BEGIN Data records
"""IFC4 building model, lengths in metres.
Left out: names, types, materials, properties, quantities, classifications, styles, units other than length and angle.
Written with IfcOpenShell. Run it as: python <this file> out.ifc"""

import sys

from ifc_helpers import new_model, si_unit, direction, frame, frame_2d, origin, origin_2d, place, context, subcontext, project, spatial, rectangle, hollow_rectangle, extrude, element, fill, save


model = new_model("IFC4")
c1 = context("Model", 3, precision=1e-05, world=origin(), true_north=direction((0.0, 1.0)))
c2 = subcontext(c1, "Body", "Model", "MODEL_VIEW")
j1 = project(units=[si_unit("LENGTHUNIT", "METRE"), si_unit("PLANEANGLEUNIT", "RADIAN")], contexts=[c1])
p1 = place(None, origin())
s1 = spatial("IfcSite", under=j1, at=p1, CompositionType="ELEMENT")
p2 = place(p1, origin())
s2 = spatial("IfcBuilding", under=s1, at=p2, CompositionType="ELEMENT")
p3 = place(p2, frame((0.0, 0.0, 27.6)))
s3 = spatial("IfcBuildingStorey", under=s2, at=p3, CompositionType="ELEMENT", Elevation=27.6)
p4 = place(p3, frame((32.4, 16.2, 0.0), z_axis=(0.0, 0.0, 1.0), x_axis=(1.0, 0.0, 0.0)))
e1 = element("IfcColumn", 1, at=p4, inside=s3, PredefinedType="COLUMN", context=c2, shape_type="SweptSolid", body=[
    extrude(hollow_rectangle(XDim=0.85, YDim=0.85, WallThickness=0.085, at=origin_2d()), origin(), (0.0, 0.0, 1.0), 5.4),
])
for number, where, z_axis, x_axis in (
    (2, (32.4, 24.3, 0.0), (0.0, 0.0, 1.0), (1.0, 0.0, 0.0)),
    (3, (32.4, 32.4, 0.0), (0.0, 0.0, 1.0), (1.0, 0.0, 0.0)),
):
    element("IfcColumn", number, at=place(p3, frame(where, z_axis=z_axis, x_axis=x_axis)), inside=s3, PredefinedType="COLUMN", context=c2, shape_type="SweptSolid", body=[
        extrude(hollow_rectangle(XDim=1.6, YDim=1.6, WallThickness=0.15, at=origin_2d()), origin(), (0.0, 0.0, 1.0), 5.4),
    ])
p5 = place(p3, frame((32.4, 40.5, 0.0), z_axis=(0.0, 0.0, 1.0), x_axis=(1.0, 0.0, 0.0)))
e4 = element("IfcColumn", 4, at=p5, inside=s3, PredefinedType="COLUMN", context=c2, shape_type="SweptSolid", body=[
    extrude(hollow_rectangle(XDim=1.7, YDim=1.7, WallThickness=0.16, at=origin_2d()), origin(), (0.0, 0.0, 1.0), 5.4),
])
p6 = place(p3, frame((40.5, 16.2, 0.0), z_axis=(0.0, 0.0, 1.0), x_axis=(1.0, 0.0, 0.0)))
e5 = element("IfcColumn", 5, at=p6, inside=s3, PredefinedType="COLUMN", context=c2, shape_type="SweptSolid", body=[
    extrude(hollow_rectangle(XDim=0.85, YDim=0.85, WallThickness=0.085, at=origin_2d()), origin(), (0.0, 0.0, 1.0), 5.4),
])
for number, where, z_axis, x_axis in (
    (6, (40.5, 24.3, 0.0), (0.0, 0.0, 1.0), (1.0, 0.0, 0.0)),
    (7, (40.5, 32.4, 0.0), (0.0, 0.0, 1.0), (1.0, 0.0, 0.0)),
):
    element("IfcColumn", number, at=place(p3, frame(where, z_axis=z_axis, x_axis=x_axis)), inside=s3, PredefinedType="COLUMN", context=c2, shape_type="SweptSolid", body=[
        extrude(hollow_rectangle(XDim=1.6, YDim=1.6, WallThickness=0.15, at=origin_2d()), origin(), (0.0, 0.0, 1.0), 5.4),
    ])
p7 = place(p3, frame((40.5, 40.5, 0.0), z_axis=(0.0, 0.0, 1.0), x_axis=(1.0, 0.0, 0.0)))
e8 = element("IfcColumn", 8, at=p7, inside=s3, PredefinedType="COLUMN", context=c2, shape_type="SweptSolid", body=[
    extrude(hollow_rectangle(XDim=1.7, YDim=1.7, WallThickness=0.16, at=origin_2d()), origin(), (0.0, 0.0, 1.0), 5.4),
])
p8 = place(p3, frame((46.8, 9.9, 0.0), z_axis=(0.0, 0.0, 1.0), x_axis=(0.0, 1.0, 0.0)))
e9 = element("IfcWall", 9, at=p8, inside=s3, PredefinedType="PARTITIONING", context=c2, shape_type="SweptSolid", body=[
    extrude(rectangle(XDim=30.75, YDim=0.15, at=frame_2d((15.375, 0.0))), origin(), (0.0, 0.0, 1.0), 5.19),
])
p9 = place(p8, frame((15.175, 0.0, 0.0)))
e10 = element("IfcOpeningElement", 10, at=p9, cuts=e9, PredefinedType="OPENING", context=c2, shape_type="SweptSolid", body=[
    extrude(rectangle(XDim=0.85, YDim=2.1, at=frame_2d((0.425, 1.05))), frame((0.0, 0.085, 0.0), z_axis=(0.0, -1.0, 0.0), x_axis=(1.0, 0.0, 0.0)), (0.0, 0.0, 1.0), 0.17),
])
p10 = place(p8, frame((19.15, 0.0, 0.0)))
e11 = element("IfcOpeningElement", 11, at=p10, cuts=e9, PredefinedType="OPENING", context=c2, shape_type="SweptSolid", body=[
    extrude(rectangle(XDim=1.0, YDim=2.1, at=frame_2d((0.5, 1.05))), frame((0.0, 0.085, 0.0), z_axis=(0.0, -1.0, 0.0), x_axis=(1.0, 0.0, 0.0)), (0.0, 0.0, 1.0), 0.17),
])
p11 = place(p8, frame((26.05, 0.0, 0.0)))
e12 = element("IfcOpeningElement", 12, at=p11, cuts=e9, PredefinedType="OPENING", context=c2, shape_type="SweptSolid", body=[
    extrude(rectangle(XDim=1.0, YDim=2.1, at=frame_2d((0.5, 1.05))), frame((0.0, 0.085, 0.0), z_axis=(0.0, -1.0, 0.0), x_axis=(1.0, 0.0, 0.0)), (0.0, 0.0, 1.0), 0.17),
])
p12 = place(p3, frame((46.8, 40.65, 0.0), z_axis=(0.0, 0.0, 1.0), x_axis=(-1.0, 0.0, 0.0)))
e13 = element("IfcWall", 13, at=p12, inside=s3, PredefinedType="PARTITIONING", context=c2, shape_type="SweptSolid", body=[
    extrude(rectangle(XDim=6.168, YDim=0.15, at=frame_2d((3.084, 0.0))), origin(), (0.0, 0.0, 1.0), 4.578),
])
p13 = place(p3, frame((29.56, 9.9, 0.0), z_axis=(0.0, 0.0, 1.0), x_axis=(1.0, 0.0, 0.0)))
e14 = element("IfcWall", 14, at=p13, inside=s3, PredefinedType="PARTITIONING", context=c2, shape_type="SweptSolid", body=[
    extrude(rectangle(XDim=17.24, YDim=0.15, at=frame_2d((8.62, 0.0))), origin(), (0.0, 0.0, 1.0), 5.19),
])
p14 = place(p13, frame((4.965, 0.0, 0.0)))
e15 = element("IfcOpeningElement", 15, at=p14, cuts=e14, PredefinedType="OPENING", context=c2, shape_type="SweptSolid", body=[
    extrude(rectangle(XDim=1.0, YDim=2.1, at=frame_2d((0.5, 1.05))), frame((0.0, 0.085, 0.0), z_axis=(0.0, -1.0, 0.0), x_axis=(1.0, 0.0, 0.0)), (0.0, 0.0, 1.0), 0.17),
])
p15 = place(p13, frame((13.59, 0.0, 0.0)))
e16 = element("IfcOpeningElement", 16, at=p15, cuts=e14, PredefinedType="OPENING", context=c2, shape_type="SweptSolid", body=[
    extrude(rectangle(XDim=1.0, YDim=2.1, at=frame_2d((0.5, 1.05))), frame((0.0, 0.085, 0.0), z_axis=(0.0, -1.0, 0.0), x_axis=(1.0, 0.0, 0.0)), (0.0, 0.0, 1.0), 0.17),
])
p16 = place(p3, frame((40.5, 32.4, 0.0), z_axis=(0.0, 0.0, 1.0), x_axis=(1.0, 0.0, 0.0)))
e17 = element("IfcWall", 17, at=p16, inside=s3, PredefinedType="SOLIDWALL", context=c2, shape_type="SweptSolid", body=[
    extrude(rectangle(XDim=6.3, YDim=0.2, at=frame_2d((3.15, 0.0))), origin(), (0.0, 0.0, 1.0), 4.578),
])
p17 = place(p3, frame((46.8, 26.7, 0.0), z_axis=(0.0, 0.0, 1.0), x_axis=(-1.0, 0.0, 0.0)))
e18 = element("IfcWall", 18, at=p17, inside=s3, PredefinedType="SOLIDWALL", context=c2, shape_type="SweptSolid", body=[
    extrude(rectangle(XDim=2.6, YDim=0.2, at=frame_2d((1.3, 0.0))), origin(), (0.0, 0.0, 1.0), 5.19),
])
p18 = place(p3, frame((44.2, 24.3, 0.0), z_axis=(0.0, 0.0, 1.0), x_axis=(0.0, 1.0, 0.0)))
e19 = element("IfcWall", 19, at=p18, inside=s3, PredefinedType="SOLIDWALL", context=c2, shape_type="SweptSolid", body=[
END Data records
■ **Exercise brief**
Return each line of the listing that holds the word "PARTITIONING".

■ **Solution for this exercise**
e9 = element("IfcWall", 9, at=p8, inside=s3, PredefinedType="PARTITIONING", context=c2, shape_type="SweptSolid", body=[
e13 = element("IfcWall", 13, at=p12, inside=s3, PredefinedType="PARTITIONING", context=c2, shape_type="SweptSolid", body=[
e14 = element("IfcWall", 14, at=p13, inside=s3, PredefinedType="PARTITIONING", context=c2, shape_type="SweptSolid", body=[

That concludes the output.